• REQUIRED ACTION: Which lines of the listing below contain the word "origin"? Copy each of them.

• EXTRACTED MATERIAL:
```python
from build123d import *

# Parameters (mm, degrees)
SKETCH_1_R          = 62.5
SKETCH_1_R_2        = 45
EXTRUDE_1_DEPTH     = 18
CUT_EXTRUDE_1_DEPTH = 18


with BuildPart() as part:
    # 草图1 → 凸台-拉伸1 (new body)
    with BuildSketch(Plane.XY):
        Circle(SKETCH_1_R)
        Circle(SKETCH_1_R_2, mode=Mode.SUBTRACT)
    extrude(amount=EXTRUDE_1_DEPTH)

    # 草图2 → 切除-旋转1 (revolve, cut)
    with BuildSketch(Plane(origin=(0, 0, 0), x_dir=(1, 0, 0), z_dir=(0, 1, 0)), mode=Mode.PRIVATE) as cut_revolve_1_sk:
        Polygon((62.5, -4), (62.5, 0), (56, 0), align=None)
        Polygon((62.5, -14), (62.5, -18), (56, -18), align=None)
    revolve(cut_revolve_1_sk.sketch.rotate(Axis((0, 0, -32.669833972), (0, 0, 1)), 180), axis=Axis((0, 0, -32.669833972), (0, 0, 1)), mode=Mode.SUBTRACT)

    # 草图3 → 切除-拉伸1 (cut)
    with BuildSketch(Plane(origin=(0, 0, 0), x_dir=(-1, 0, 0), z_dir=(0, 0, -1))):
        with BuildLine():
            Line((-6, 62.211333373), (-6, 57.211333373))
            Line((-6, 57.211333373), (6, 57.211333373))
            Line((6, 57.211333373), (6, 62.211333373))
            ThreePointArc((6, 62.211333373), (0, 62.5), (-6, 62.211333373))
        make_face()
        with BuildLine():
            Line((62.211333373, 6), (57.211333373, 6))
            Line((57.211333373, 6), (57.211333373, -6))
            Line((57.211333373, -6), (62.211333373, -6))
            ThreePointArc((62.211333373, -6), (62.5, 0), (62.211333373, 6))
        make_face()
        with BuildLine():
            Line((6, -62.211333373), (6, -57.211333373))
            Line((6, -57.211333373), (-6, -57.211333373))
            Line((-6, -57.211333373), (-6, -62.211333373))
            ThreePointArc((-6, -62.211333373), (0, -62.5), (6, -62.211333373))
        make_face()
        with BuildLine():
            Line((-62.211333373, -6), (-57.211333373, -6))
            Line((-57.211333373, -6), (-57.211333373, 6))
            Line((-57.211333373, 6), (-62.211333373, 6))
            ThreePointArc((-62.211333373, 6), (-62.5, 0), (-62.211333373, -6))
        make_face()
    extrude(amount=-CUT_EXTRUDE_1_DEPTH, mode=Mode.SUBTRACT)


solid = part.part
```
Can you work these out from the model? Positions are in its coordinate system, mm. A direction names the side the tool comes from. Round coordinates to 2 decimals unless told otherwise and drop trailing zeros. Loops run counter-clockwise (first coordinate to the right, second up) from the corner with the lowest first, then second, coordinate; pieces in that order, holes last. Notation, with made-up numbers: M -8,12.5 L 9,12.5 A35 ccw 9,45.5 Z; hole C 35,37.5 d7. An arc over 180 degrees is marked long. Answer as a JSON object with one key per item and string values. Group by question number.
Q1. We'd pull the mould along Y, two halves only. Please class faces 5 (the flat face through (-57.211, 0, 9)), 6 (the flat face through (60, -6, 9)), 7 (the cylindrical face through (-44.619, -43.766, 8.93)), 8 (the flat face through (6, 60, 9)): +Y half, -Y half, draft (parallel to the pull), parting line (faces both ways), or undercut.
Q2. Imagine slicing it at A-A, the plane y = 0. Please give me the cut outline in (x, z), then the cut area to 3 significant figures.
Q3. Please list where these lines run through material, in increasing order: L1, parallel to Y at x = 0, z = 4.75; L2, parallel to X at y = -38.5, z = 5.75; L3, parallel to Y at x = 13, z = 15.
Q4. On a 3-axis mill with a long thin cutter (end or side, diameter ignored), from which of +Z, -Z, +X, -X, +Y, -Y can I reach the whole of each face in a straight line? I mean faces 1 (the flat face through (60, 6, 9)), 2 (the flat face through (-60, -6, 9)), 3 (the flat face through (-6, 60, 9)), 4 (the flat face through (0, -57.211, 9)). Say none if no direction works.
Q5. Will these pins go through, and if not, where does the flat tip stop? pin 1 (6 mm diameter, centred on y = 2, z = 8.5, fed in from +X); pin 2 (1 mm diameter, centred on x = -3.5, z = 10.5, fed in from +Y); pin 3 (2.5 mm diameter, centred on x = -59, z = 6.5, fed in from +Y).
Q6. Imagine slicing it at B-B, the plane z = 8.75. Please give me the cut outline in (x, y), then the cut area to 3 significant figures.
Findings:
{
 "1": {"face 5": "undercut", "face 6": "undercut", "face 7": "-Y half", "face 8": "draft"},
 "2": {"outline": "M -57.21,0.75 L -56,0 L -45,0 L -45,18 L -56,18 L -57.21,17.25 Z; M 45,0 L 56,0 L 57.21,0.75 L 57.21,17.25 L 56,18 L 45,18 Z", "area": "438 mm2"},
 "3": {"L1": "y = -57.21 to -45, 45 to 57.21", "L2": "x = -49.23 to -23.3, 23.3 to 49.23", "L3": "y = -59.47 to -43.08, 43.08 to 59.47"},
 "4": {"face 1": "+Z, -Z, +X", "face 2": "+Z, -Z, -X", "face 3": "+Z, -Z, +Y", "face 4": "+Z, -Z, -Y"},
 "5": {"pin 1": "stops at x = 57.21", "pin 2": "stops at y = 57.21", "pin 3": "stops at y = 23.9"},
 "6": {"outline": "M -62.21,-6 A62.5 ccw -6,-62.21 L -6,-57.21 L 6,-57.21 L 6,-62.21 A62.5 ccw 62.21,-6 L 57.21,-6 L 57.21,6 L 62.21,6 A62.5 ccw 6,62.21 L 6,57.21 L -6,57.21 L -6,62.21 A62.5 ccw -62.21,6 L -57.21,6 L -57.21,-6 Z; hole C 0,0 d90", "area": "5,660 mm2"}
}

• ANSWER TO THE EXERCISE:
    with BuildSketch(Plane(origin=(0, 0, 0), x_dir=(1, 0, 0), z_dir=(0, 1, 0)), mode=Mode.PRIVATE) as cut_revolve_1_sk:
    with BuildSketch(Plane(origin=(0, 0, 0), x_dir=(-1, 0, 0), z_dir=(0, 0, -1))):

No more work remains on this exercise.